> _Problem to work on_
Check every line of the data for the string "circle" and copy the ones that have it.

> _Records for this exercise_

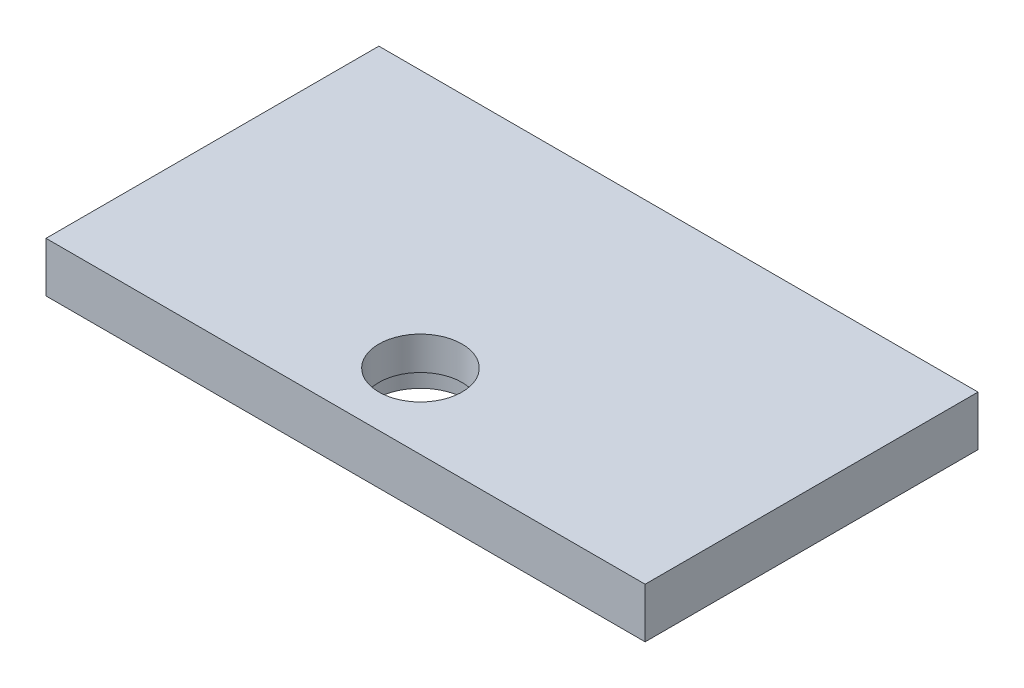
SolidWorks part; units mm, degrees
ref_plane "前视基准面" through (0, 0, 0) normal (0, 0, 1) x (1, 0, 0)
ref_plane "上视基准面" through (0, 0, 0) normal (0, 1, 0) x (1, 0, 0)
ref_plane "右视基准面" through (0, 0, 0) normal (1, 0, 0) x (0, 0, -1)
sketch "草图1" plane through (0, 0, 0) normal (0, 1, 0) x (1, 0, 0)
  line L1 (-180, -100) -> (180, -100)
  line L2 (-180, -100) -> (-180, 100)
  line L3 (-180, 100) -> (180, 100)
  line L4 (180, -100) -> (180, 100)
  line L5 (-180, -100) -> (180, 100) construction
  line L6 (-180, 100) -> (180, -100) construction
  point P0 (0, 0)
  dimension "D1" = 200
  dimension "D2" = 360
extrude "凸台-拉伸1" add sketch "草图1" along normal blind 30
sketch "草图2" plane through (0, 0, 0) normal (0, -1, 0) x (1, 0, 0)
  line L6 (-180, 100) -> (180, 100) construction
  circle A0 centre (0, 55) radius 25
  dimension "D1" = 50
  dimension "D2" = 20
extrude "切除-拉伸1" cut sketch "草图2" against normal through all
sketch "草图3" plane through (0, 0, 0) normal (0, -1, 0) x (1, 0, 0)
  line L5 (-180, 100) -> (180, 100) construction
  circle A0 centre (0, 55) radius 27.5
  dimension "D1" = 17.5
  dimension "D2" = 55
extrude "切除-拉伸2" cut sketch "草图3" against normal blind 10

> _Expected output_
  circle A0 centre (0, 55) radius 25
  circle A0 centre (0, 55) radius 27.5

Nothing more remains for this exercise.